* TASK INSTRUCTIONS *
Transcribe word for word the lines below from the line with "p10 = place(p8, frame((4.85, 0.0, 0.0)))" through the line with "p15 = place(p13, frame((11.635, 0.0, 0.0)))", ends included.

Stored data:
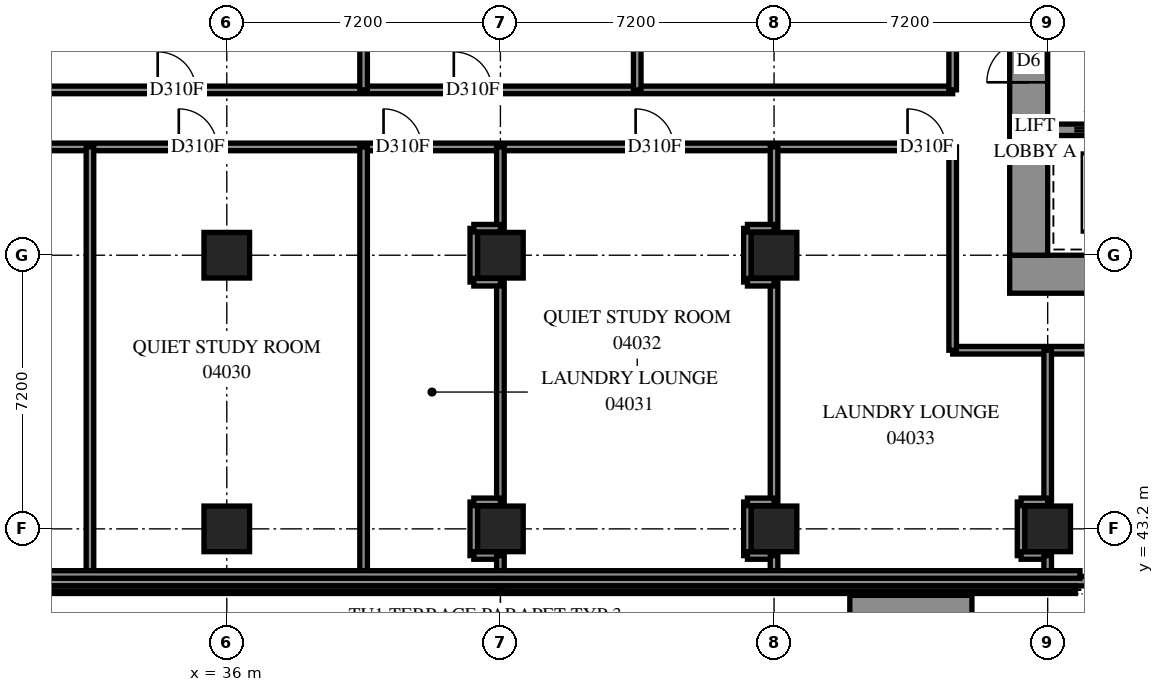
"""IFC4 building model, lengths in metres.
Left out: names, types, materials, properties, quantities, classifications, styles, units other than length and angle.
Written with IfcOpenShell. Run it as: python <this file> out.ifc"""

import sys

from ifc_helpers import new_model, si_unit, direction, frame, frame_2d, origin, origin_2d, place, context, subcontext, project, spatial, polyline, rectangle, outline, extrude, element, fill, save


model = new_model("IFC4")
c1 = context("Model", 3, precision=1e-05, world=origin(), true_north=direction((0.0, 1.0)))
c2 = subcontext(c1, "Body", "Model", "MODEL_VIEW")
j1 = project(units=[si_unit("LENGTHUNIT", "METRE"), si_unit("PLANEANGLEUNIT", "RADIAN")], contexts=[c1])
p1 = place(None, origin())
s1 = spatial("IfcSite", under=j1, at=p1, CompositionType="ELEMENT")
p2 = place(p1, origin())
s2 = spatial("IfcBuilding", under=s1, at=p2, CompositionType="ELEMENT")
p3 = place(p2, frame((0.0, 0.0, 18.6)))
s3 = spatial("IfcBuildingStorey", under=s2, at=p3, CompositionType="ELEMENT", Elevation=18.6)
for number, where, z_axis, x_axis in (
    (1, (36.0, 43.2, 0.0), (0.0, 0.0, 1.0), (1.0, 0.0, 0.0)),
    (2, (36.0, 50.4, 0.0), (0.0, 0.0, 1.0), (1.0, 0.0, 0.0)),
    (3, (43.2, 43.2, 0.0), (0.0, 0.0, 1.0), (1.0, 0.0, 0.0)),
    (4, (43.2, 50.4, 0.0), (0.0, 0.0, 1.0), (1.0, 0.0, 0.0)),
    (5, (50.4, 43.2, 0.0), (0.0, 0.0, 1.0), (1.0, 0.0, 0.0)),
    (6, (50.4, 50.4, 0.0), (0.0, 0.0, 1.0), (1.0, 0.0, 0.0)),
    (7, (57.6, 43.2, 0.0), (0.0, 0.0, 1.0), (1.0, 0.0, 0.0)),
):
    element("IfcColumn", number, at=place(p3, frame(where, z_axis=z_axis, x_axis=x_axis)), inside=s3, PredefinedType="COLUMN", context=c2, shape_type="SweptSolid", body=[
        extrude(rectangle(XDim=1.2, YDim=1.2, at=origin_2d()), origin(), (0.0, 0.0, 1.0), 3.8),
    ])
p4 = place(p3, frame((56.6, 49.9, -0.4), z_axis=(0.0, 0.0, 1.0), x_axis=(1.0, 0.0, 0.0)))
e8 = element("IfcWall", 8, at=p4, inside=s3, PredefinedType="SHEAR", context=c2, shape_type="SweptSolid", body=[
    extrude(rectangle(XDim=16.4, YDim=1.0, at=frame_2d((8.2, 0.0))), origin(), (0.0, 0.0, 1.0), 3.5),
])
p5 = place(p3, frame((57.1, 50.4, -0.4), z_axis=(0.0, 0.0, 1.0), x_axis=(0.0, 1.0, 0.0)))
e9 = element("IfcWall", 9, at=p5, inside=s3, PredefinedType="SHEAR", context=c2, shape_type="SweptSolid", body=[
    extrude(rectangle(XDim=14.4, YDim=1.0, at=frame_2d((7.2, 0.0))), origin(), (0.0, 0.0, 1.0), 3.5),
])
p6 = place(p5, frame((4.55, 0.0, 0.4)))
e10 = element("IfcOpeningElement", 10, at=p6, cuts=e9, PredefinedType="OPENING", context=c2, shape_type="SweptSolid", body=[
    extrude(rectangle(XDim=1.1, YDim=2.1, at=frame_2d((0.55, 1.05))), frame((0.0, 0.51, 0.0), z_axis=(0.0, -1.0, 0.0), x_axis=(1.0, 0.0, 0.0)), (0.0, 0.0, 1.0), 1.02),
])
p7 = place(p5, frame((11.35, 0.0, 0.4)))
e11 = element("IfcOpeningElement", 11, at=p7, cuts=e9, PredefinedType="OPENING", context=c2, shape_type="SweptSolid", body=[
    extrude(rectangle(XDim=1.1, YDim=2.1, at=frame_2d((0.55, 1.05))), frame((0.0, 0.51, 0.0), z_axis=(0.0, -1.0, 0.0), x_axis=(1.0, 0.0, 0.0)), (0.0, 0.0, 1.0), 1.02),
])
p8 = place(p3, frame((57.6, 53.7, 0.0), z_axis=(0.0, 0.0, 1.0), x_axis=(1.0, 0.0, 0.0)))
e12 = element("IfcWall", 12, at=p8, inside=s3, PredefinedType="SOLIDWALL", context=c2, shape_type="SweptSolid", body=[
    extrude(rectangle(XDim=14.4, YDim=0.3, at=frame_2d((7.2, 0.0))), origin(), (0.0, 0.0, 1.0), 3.8),
])
p9 = place(p8, frame((1.25, 0.0, 0.0)))
e13 = element("IfcOpeningElement", 13, at=p9, cuts=e12, PredefinedType="OPENING", context=c2, shape_type="SweptSolid", body=[
    extrude(rectangle(XDim=1.1, YDim=2.1, at=frame_2d((0.55, 1.05))), frame((0.0, 0.16, 0.0), z_axis=(0.0, -1.0, 0.0), x_axis=(1.0, 0.0, 0.0)), (0.0, 0.0, 1.0), 0.32),
])
p10 = place(p8, frame((4.85, 0.0, 0.0)))
e14 = element("IfcOpeningElement", 14, at=p10, cuts=e12, PredefinedType="OPENING", context=c2, shape_type="SweptSolid", body=[
    extrude(rectangle(XDim=1.1, YDim=2.1, at=frame_2d((0.55, 1.05))), frame((0.0, 0.16, 0.0), z_axis=(0.0, -1.0, 0.0), x_axis=(1.0, 0.0, 0.0)), (0.0, 0.0, 1.0), 0.32),
])
p11 = place(p8, frame((8.45, 0.0, 0.0)))
e15 = element("IfcOpeningElement", 15, at=p11, cuts=e12, PredefinedType="OPENING", context=c2, shape_type="SweptSolid", body=[
    extrude(rectangle(XDim=1.1, YDim=2.1, at=frame_2d((0.55, 1.05))), frame((0.0, 0.16, 0.0), z_axis=(0.0, -1.0, 0.0), x_axis=(1.0, 0.0, 0.0)), (0.0, 0.0, 1.0), 0.32),
])
p12 = place(p8, frame((12.05, 0.0, 0.0)))
e16 = element("IfcOpeningElement", 16, at=p12, cuts=e12, PredefinedType="OPENING", context=c2, shape_type="SweptSolid", body=[
    extrude(rectangle(XDim=1.1, YDim=2.1, at=frame_2d((0.55, 1.05))), frame((0.0, 0.16, 0.0), z_axis=(0.0, -1.0, 0.0), x_axis=(1.0, 0.0, 0.0)), (0.0, 0.0, 1.0), 0.32),
])
p13 = place(p3, frame((0.0, 53.25, 0.0), z_axis=(0.0, 0.0, 1.0), x_axis=(1.0, 0.0, 0.0)))
e17 = element("IfcWall", 17, at=p13, inside=s3, PredefinedType="PARTITIONING", context=c2, shape_type="SweptSolid", body=[
    extrude(rectangle(XDim=55.1, YDim=0.2, at=frame_2d((27.55, 0.0))), origin(), (0.0, 0.0, 1.0), 3.8),
])
p14 = place(p13, frame((8.669, 0.0, 0.0)))
e18 = element("IfcOpeningElement", 18, at=p14, cuts=e17, PredefinedType="OPENING", context=c2, shape_type="SweptSolid", body=[
    extrude(rectangle(XDim=1.0, YDim=2.1, at=frame_2d((0.5, 1.05))), frame((0.0, 0.11, 0.0), z_axis=(0.0, -1.0, 0.0), x_axis=(1.0, 0.0, 0.0)), (0.0, 0.0, 1.0), 0.22),
])
p15 = place(p13, frame((11.635, 0.0, 0.0)))
e19 = element("IfcOpeningElement", 19, at=p15, cuts=e17, PredefinedType="OPENING", context=c2, shape_type="SweptSolid", body=[
    extrude(rectangle(XDim=1.0, YDim=2.1, at=frame_2d((0.5, 1.05))), frame((0.0, 0.11, 0.0), z_axis=(0.0, -1.0, 0.0), x_axis=(1.0, 0.0, 0.0)), (0.0, 0.0, 1.0), 0.22),
])
p16 = place(p13, frame((16.165, 0.0, 0.0)))
e20 = element("IfcOpeningElement", 20, at=p16, cuts=e17, PredefinedType="OPENING", context=c2, shape_type="SweptSolid", body=[
    extrude(rectangle(XDim=1.0, YDim=2.1, at=frame_2d((0.5, 1.05))), frame((0.0, 0.11, 0.0), z_axis=(0.0, -1.0, 0.0), x_axis=(1.0, 0.0, 0.0)), (0.0, 0.0, 1.0), 0.22),
])
p17 = place(p13, frame((20.337, 0.0, 0.0)))
e21 = element("IfcOpeningElement", 21, at=p17, cuts=e17, PredefinedType="OPENING", context=c2, shape_type="SweptSolid", body=[
    extrude(rectangle(XDim=1.0, YDim=2.1, at=frame_2d((0.5, 1.05))), frame((0.0, 0.11, 0.0), z_axis=(0.0, -1.0, 0.0), x_axis=(1.0, 0.0, 0.0)), (0.0, 0.0, 1.0), 0.22),
])
p18 = place(p13, frame((27.538, 0.0, 0.0)))
e22 = element("IfcOpeningElement", 22, at=p18, cuts=e17, PredefinedType="OPENING", context=c2, shape_type="SweptSolid", body=[
    extrude(rectangle(XDim=1.0, YDim=2.1, at=frame_2d((0.5, 1.05))), frame((0.0, 0.11, 0.0), z_axis=(0.0, -1.0, 0.0), x_axis=(1.0, 0.0, 0.0)), (0.0, 0.0, 1.0), 0.22),
])
p19 = place(p13, frame((34.737, 0.0, 0.0)))
e23 = element("IfcOpeningElement", 23, at=p19, cuts=e17, PredefinedType="OPENING", context=c2, shape_type="SweptSolid", body=[
    extrude(rectangle(XDim=1.0, YDim=2.1, at=frame_2d((0.5, 1.05))), frame((0.0, 0.11, 0.0), z_axis=(0.0, -1.0, 0.0), x_axis=(1.0, 0.0, 0.0)), (0.0, 0.0, 1.0), 0.22),
])
p20 = place(p13, frame((40.125, 0.0, 0.0)))
e24 = element("IfcOpeningElement", 24, at=p20, cuts=e17, PredefinedType="OPENING", context=c2, shape_type="SweptSolid", body=[
    extrude(rectangle(XDim=1.0, YDim=2.1, at=frame_2d((0.5, 1.05))), frame((0.0, 0.11, 0.0), z_axis=(0.0, -1.0, 0.0), x_axis=(1.0, 0.0, 0.0)), (0.0, 0.0, 1.0), 0.22),
])
p21 = place(p13, frame((46.758, 0.0, 0.0)))
e25 = element("IfcOpeningElement", 25, at=p21, cuts=e17, PredefinedType="OPENING", context=c2, shape_type="SweptSolid", body=[
    extrude(rectangle(XDim=1.0, YDim=2.1, at=frame_2d((0.5, 1.05))), frame((0.0, 0.11, 0.0), z_axis=(0.0, -1.0, 0.0), x_axis=(1.0, 0.0, 0.0)), (0.0, 0.0, 1.0), 0.22),
])
p22 = place(p13, frame((53.913, 0.0, 0.0)))
e26 = element("IfcOpeningElement", 26, at=p22, cuts=e17, PredefinedType="OPENING", context=c2, shape_type="SweptSolid", body=[
    extrude(rectangle(XDim=1.0, YDim=2.1, at=frame_2d((0.5, 1.05))), frame((0.0, 0.11, 0.0), z_axis=(0.0, -1.0, 0.0), x_axis=(1.0, 0.0, 0.0)), (0.0, 0.0, 1.0), 0.22),
])
p23 = place(p13, frame((2.672, 0.0, 0.0)))
e27 = element("IfcOpeningElement", 27, at=p23, cuts=e17, PredefinedType="OPENING", context=c2, shape_type="SweptSolid", body=[
    extrude(rectangle(XDim=1.0, YDim=2.1, at=frame_2d((0.5, 1.05))), frame((0.0, 0.11, 0.0), z_axis=(0.0, -1.0, 0.0), x_axis=(1.0, 0.0, 0.0)), (0.0, 0.0, 1.0), 0.22),
])
p24 = place(p13, frame((4.788, 0.0, 0.0)))
e28 = element("IfcOpeningElement", 28, at=p24, cuts=e17, PredefinedType="OPENING", context=c2, shape_type="SweptSolid", body=[
    extrude(rectangle(XDim=1.0, YDim=2.1, at=frame_2d((0.5, 1.05))), frame((0.0, 0.11, 0.0), z_axis=(0.0, -1.0, 0.0), x_axis=(1.0, 0.0, 0.0)), (0.0, 0.0, 1.0), 0.22),
])
p25 = place(p3, frame((6.0, 54.75, 0.0), z_axis=(0.0, 0.0, 1.0), x_axis=(1.0, 0.0, 0.0)))
e29 = element("IfcWall", 29, at=p25, inside=s3, PredefinedType="PARTITIONING", context=c2, shape_type="SweptSolid", body=[
    extrude(rectangle(XDim=49.1, YDim=0.2, at=frame_2d((24.55, 0.0))), origin(), (0.0, 0.0, 1.0), 3.8),
])
p26 = place(p25, frame((6.284, 0.0, 0.0)))
e30 = element("IfcOpeningElement", 30, at=p26, cuts=e29, PredefinedType="OPENING", context=c2, shape_type="SweptSolid", body=[
    extrude(rectangle(XDim=1.0, YDim=2.1, at=frame_2d((0.5, 1.05))), frame((0.0, 0.11, 0.0), z_axis=(0.0, -1.0, 0.0), x_axis=(1.0, 0.0, 0.0)), (0.0, 0.0, 1.0), 0.22),
])
p27 = place(p25, frame((14.374, 0.0, 0.0)))
e31 = element("IfcOpeningElement", 31, at=p27, cuts=e29, PredefinedType="OPENING", context=c2, shape_type="SweptSolid", body=[
    extrude(rectangle(XDim=1.0, YDim=2.1, at=frame_2d((0.5, 1.05))), frame((0.0, 0.11, 0.0), z_axis=(0.0, -1.0, 0.0), x_axis=(1.0, 0.0, 0.0)), (0.0, 0.0, 1.0), 0.22),
])
p28 = place(p25, frame((19.725, 0.0, 0.0)))
e32 = element("IfcOpeningElement", 32, at=p28, cuts=e29, PredefinedType="OPENING", context=c2, shape_type="SweptSolid", body=[
    extrude(rectangle(XDim=1.0, YDim=2.1, at=frame_2d((0.5, 1.05))), frame((0.0, 0.11, 0.0), z_axis=(0.0, -1.0, 0.0), x_axis=(1.0, 0.0, 0.0)), (0.0, 0.0, 1.0), 0.22),
])
p29 = place(p25, frame((28.183, 0.0, 0.0)))
e33 = element("IfcOpeningElement", 33, at=p29, cuts=e29, PredefinedType="OPENING", context=c2, shape_type="SweptSolid", body=[
    extrude(rectangle(XDim=1.0, YDim=2.1, at=frame_2d((0.5, 1.05))), frame((0.0, 0.11, 0.0), z_axis=(0.0, -1.0, 0.0), x_axis=(1.0, 0.0, 0.0)), (0.0, 0.0, 1.0), 0.22),
])
p30 = place(p25, frame((35.974, 0.0, 0.0)))
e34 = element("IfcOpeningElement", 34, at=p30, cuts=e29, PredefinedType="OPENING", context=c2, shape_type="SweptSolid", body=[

* EXERCISE SOLUTION *
p10 = place(p8, frame((4.85, 0.0, 0.0)))
e14 = element("IfcOpeningElement", 14, at=p10, cuts=e12, PredefinedType="OPENING", context=c2, shape_type="SweptSolid", body=[
    extrude(rectangle(XDim=1.1, YDim=2.1, at=frame_2d((0.55, 1.05))), frame((0.0, 0.16, 0.0), z_axis=(0.0, -1.0, 0.0), x_axis=(1.0, 0.0, 0.0)), (0.0, 0.0, 1.0), 0.32),
])
p11 = place(p8, frame((8.45, 0.0, 0.0)))
e15 = element("IfcOpeningElement", 15, at=p11, cuts=e12, PredefinedType="OPENING", context=c2, shape_type="SweptSolid", body=[
    extrude(rectangle(XDim=1.1, YDim=2.1, at=frame_2d((0.55, 1.05))), frame((0.0, 0.16, 0.0), z_axis=(0.0, -1.0, 0.0), x_axis=(1.0, 0.0, 0.0)), (0.0, 0.0, 1.0), 0.32),
])
p12 = place(p8, frame((12.05, 0.0, 0.0)))
e16 = element("IfcOpeningElement", 16, at=p12, cuts=e12, PredefinedType="OPENING", context=c2, shape_type="SweptSolid", body=[
    extrude(rectangle(XDim=1.1, YDim=2.1, at=frame_2d((0.55, 1.05))), frame((0.0, 0.16, 0.0), z_axis=(0.0, -1.0, 0.0), x_axis=(1.0, 0.0, 0.0)), (0.0, 0.0, 1.0), 0.32),
])
p13 = place(p3, frame((0.0, 53.25, 0.0), z_axis=(0.0, 0.0, 1.0), x_axis=(1.0, 0.0, 0.0)))
e17 = element("IfcWall", 17, at=p13, inside=s3, PredefinedType="PARTITIONING", context=c2, shape_type="SweptSolid", body=[
    extrude(rectangle(XDim=55.1, YDim=0.2, at=frame_2d((27.55, 0.0))), origin(), (0.0, 0.0, 1.0), 3.8),
])
p14 = place(p13, frame((8.669, 0.0, 0.0)))
e18 = element("IfcOpeningElement", 18, at=p14, cuts=e17, PredefinedType="OPENING", context=c2, shape_type="SweptSolid", body=[
    extrude(rectangle(XDim=1.0, YDim=2.1, at=frame_2d((0.5, 1.05))), frame((0.0, 0.11, 0.0), z_axis=(0.0, -1.0, 0.0), x_axis=(1.0, 0.0, 0.0)), (0.0, 0.0, 1.0), 0.22),
])
p15 = place(p13, frame((11.635, 0.0, 0.0)))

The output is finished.